Here are records with pictures in them. Copy all of them exactly and leave the pictures out.

**Source data:**
---*---

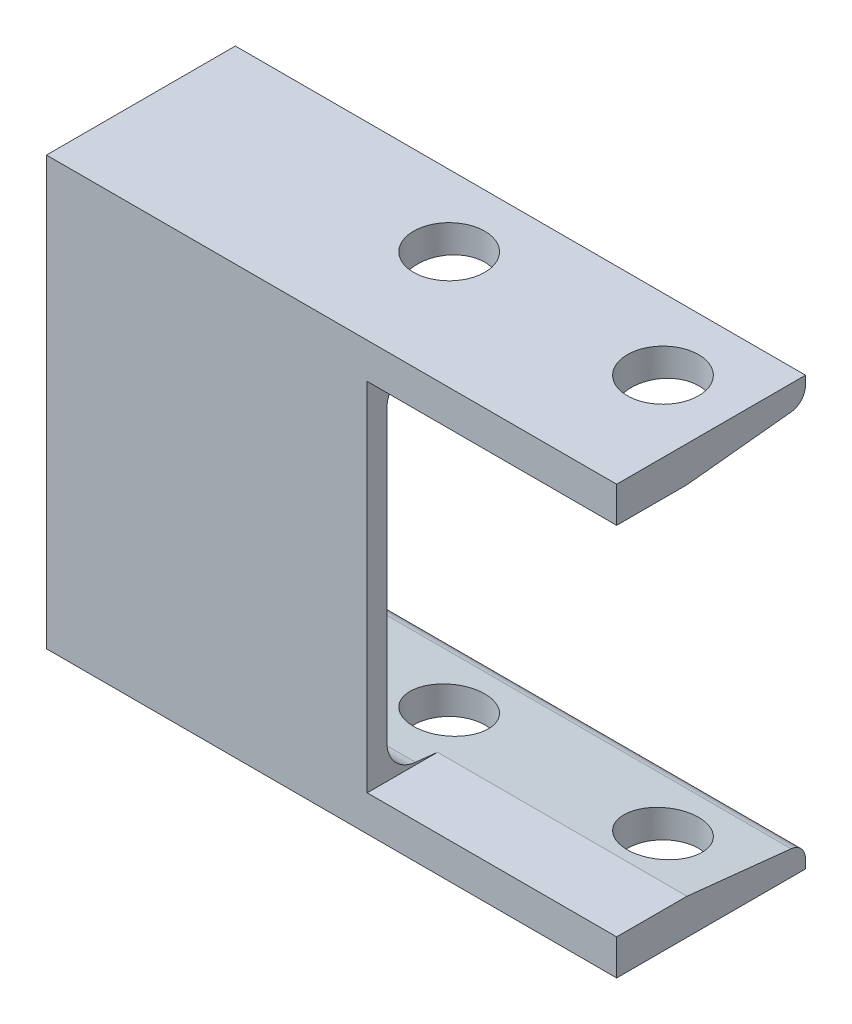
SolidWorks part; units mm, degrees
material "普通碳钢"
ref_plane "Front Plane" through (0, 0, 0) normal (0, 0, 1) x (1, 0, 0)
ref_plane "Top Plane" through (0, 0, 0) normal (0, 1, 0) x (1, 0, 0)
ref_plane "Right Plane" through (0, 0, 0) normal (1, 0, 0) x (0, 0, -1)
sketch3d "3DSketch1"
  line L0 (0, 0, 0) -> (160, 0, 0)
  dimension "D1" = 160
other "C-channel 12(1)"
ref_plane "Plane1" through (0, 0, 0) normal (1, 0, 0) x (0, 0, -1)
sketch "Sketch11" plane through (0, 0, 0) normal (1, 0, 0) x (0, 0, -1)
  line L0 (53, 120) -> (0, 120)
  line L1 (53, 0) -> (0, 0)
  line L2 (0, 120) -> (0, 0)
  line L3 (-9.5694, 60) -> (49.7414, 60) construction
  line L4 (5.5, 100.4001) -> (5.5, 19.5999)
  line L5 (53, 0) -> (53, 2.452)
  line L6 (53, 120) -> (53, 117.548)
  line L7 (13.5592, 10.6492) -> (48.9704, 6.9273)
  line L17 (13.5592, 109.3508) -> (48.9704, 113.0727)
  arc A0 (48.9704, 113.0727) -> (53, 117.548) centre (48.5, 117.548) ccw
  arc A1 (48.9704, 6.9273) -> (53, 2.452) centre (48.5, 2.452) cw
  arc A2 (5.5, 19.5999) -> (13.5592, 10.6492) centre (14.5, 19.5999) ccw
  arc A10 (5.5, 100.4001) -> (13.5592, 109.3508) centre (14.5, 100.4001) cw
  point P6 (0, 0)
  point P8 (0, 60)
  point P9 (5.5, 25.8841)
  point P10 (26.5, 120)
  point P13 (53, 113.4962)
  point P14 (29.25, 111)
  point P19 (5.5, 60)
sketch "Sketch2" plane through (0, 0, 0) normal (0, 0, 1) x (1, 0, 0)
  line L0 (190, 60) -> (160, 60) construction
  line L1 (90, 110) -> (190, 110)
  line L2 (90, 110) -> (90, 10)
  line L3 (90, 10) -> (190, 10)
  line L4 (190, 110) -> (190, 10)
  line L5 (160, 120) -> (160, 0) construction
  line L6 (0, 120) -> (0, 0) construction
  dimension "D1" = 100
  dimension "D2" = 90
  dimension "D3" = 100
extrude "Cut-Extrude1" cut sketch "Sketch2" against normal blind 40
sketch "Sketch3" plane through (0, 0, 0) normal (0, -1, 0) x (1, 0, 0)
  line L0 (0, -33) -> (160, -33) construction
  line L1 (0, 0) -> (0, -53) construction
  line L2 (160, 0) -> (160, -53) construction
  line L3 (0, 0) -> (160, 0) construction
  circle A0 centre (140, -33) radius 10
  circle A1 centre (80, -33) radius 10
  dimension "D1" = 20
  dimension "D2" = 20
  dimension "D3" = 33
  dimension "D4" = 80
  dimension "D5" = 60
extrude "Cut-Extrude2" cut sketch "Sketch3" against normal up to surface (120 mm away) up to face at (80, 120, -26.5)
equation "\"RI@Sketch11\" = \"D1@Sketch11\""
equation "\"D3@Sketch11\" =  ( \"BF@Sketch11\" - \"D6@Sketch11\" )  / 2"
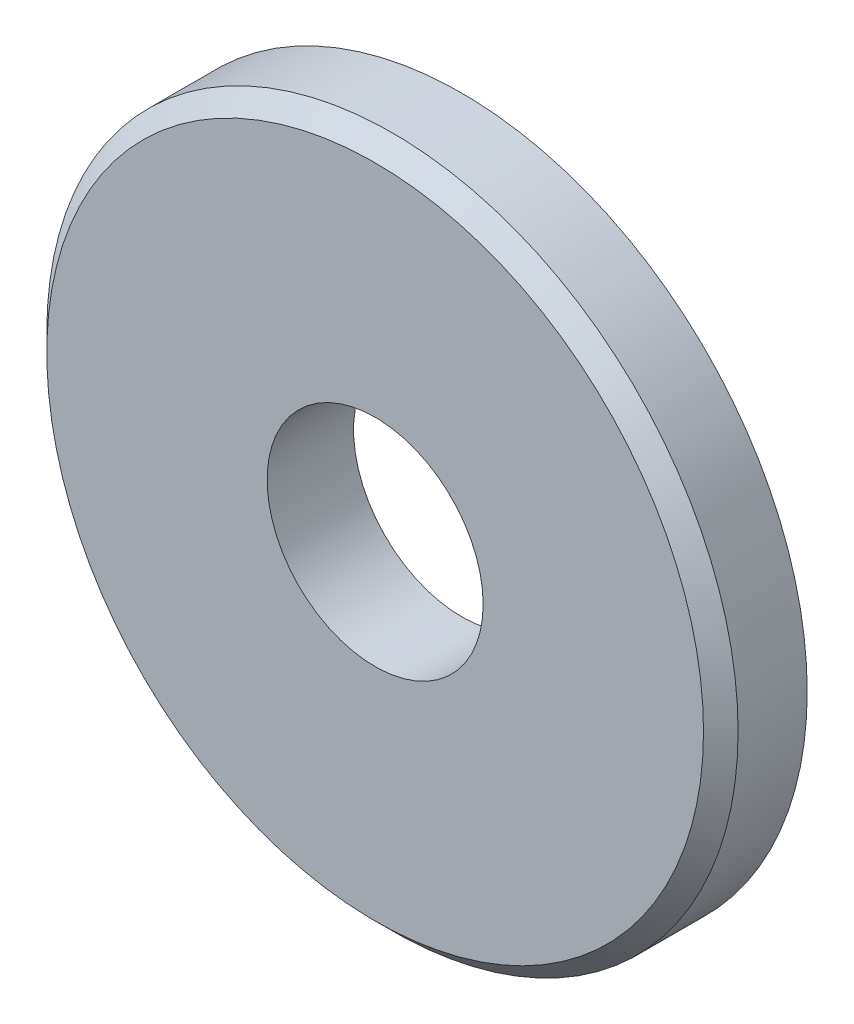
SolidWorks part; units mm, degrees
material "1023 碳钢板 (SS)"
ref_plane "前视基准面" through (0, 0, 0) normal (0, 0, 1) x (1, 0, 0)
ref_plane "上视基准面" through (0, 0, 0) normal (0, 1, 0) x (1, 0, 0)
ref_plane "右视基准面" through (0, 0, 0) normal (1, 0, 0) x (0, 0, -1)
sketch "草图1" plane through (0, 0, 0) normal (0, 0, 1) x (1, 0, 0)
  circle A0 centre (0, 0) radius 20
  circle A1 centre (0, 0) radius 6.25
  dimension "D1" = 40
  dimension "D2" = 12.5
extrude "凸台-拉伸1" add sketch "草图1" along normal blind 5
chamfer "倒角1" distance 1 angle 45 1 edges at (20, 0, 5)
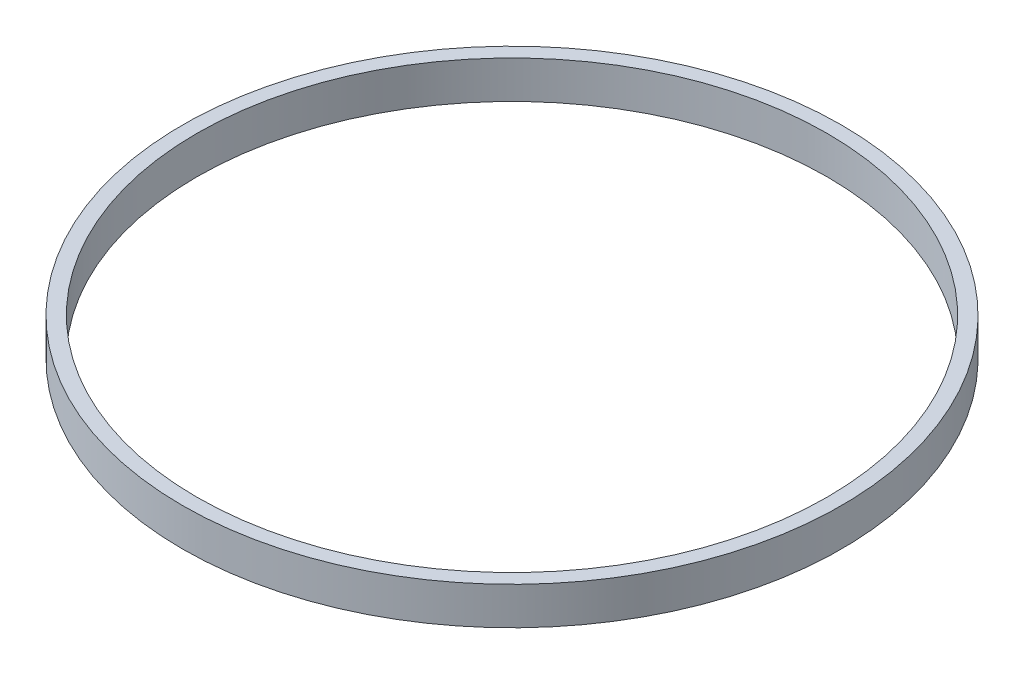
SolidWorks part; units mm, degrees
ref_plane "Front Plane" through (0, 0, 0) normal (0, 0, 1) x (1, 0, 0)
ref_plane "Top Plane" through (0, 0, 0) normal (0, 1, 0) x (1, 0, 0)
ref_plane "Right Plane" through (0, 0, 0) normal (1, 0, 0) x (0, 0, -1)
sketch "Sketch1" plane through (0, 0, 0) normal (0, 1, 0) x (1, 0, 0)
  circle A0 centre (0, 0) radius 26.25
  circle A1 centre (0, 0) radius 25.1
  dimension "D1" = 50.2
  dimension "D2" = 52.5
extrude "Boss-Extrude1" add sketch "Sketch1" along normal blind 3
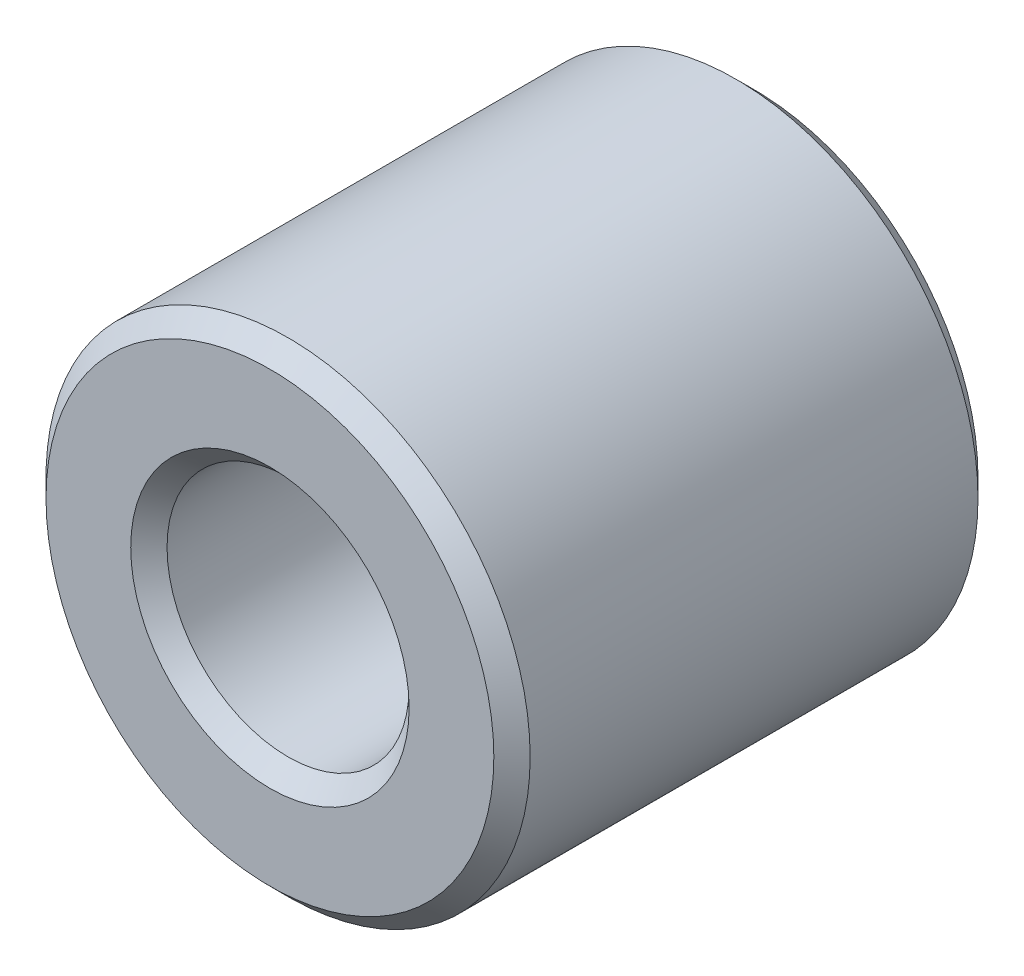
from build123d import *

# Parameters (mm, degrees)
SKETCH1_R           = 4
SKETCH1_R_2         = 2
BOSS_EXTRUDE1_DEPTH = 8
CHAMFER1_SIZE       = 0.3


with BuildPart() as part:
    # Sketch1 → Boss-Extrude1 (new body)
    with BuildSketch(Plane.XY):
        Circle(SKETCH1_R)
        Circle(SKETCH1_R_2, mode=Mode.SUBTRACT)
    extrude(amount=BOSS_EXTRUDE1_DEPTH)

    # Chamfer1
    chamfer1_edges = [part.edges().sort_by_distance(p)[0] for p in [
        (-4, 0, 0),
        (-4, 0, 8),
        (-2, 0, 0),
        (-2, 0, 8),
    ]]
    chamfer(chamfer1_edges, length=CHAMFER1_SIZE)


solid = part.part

---*---

**Answer for this exercise:**
SolidWorks part; units mm, degrees
material "普通碳钢"
ref_plane "Front Plane" through (0, 0, 0) normal (0, 0, 1) x (1, 0, 0)
ref_plane "Top Plane" through (0, 0, 0) normal (0, 1, 0) x (1, 0, 0)
ref_plane "Right Plane" through (0, 0, 0) normal (1, 0, 0) x (0, 0, -1)
sketch3d "3DSketch1"
  line L0 (0, 0, 0) -> (160, 0, 0)
  dimension "D1" = 160
other "C-channel 12(1)"
ref_plane "Plane1" through (0, 0, 0) normal (1, 0, 0) x (0, 0, -1)
sketch "Sketch11" plane through (0, 0, 0) normal (1, 0, 0) x (0, 0, -1)
  line L0 (53, 120) -> (0, 120)
  line L1 (53, 0) -> (0, 0)
  line L2 (0, 120) -> (0, 0)
  line L3 (-9.5694, 60) -> (49.7414, 60) construction
  line L4 (5.5, 100.4001) -> (5.5, 19.5999)
  line L5 (53, 0) -> (53, 2.452)
  line L6 (53, 120) -> (53, 117.548)
  line L7 (13.5592, 10.6492) -> (48.9704, 6.9273)
  line L17 (13.5592, 109.3508) -> (48.9704, 113.0727)
  arc A0 (48.9704, 113.0727) -> (53, 117.548) centre (48.5, 117.548) ccw
  arc A1 (48.9704, 6.9273) -> (53, 2.452) centre (48.5, 2.452) cw
  arc A2 (5.5, 19.5999) -> (13.5592, 10.6492) centre (14.5, 19.5999) ccw
  arc A10 (5.5, 100.4001) -> (13.5592, 109.3508) centre (14.5, 100.4001) cw
  point P6 (0, 0)
  point P8 (0, 60)
  point P9 (5.5, 25.8841)
  point P10 (26.5, 120)
  point P13 (53, 113.4962)
  point P14 (29.25, 111)
  point P19 (5.5, 60)
sketch "Sketch2" plane through (0, 0, 0) normal (0, 0, 1) x (1, 0, 0)
  line L0 (190, 60) -> (160, 60) construction
  line L1 (90, 110) -> (190, 110)
  line L2 (90, 110) -> (90, 10)
  line L3 (90, 10) -> (190, 10)
  line L4 (190, 110) -> (190, 10)
  line L5 (160, 120) -> (160, 0) construction
  line L6 (0, 120) -> (0, 0) construction
  dimension "D1" = 100
  dimension "D2" = 90
  dimension "D3" = 100
extrude "Cut-Extrude1" cut sketch "Sketch2" against normal blind 40
sketch "Sketch3" plane through (0, 0, 0) normal (0, -1, 0) x (1, 0, 0)
  line L0 (0, -33) -> (160, -33) construction
  line L1 (0, 0) -> (0, -53) construction
  line L2 (160, 0) -> (160, -53) construction
  line L3 (0, 0) -> (160, 0) construction
  circle A0 centre (140, -33) radius 10
  circle A1 centre (80, -33) radius 10
  dimension "D1" = 20
  dimension "D2" = 20
  dimension "D3" = 33
  dimension "D4" = 80
  dimension "D5" = 60
extrude "Cut-Extrude2" cut sketch "Sketch3" against normal up to surface (120 mm away) up to face at (80, 120, -26.5)
equation "\"RI@Sketch11\" = \"D1@Sketch11\""
equation "\"D3@Sketch11\" =  ( \"BF@Sketch11\" - \"D6@Sketch11\" )  / 2"
SolidWorks part; units mm, degrees
material "1023 碳钢板 (SS)"
ref_plane "前视基准面" through (0, 0, 0) normal (0, 0, 1) x (1, 0, 0)
ref_plane "上视基准面" through (0, 0, 0) normal (0, 1, 0) x (1, 0, 0)
ref_plane "右视基准面" through (0, 0, 0) normal (1, 0, 0) x (0, 0, -1)
sketch "草图1" plane through (0, 0, 0) normal (0, 0, 1) x (1, 0, 0)
  circle A0 centre (0, 0) radius 20
  circle A1 centre (0, 0) radius 6.25
  dimension "D1" = 40
  dimension "D2" = 12.5
extrude "凸台-拉伸1" add sketch "草图1" along normal blind 5
chamfer "倒角1" distance 1 angle 45 1 edges at (20, 0, 5)
SolidWorks part; units mm, degrees
ref_plane "Front Plane" through (0, 0, 0) normal (0, 0, 1) x (1, 0, 0)
ref_plane "Top Plane" through (0, 0, 0) normal (0, 1, 0) x (1, 0, 0)
ref_plane "Right Plane" through (0, 0, 0) normal (1, 0, 0) x (0, 0, -1)
sketch "Sketch1" plane through (0, 0, 0) normal (0, 1, 0) x (1, 0, 0)
  circle A0 centre (0, 0) radius 26.25
  circle A1 centre (0, 0) radius 25.1
  dimension "D1" = 50.2
  dimension "D2" = 52.5
extrude "Boss-Extrude1" add sketch "Sketch1" along normal blind 3
from build123d import *

# Parameters (mm, degrees)
SKETCH1_R           = 4
SKETCH1_R_2         = 2
BOSS_EXTRUDE1_DEPTH = 8
CHAMFER1_SIZE       = 0.3


with BuildPart() as part:
    # Sketch1 → Boss-Extrude1 (new body)
    with BuildSketch(Plane.XY):
        Circle(SKETCH1_R)
        Circle(SKETCH1_R_2, mode=Mode.SUBTRACT)
    extrude(amount=BOSS_EXTRUDE1_DEPTH)

    # Chamfer1
    chamfer1_edges = [part.edges().sort_by_distance(p)[0] for p in [
        (-4, 0, 0),
        (-4, 0, 8),
        (-2, 0, 0),
        (-2, 0, 8),
    ]]
    chamfer(chamfer1_edges, length=CHAMFER1_SIZE)


solid = part.part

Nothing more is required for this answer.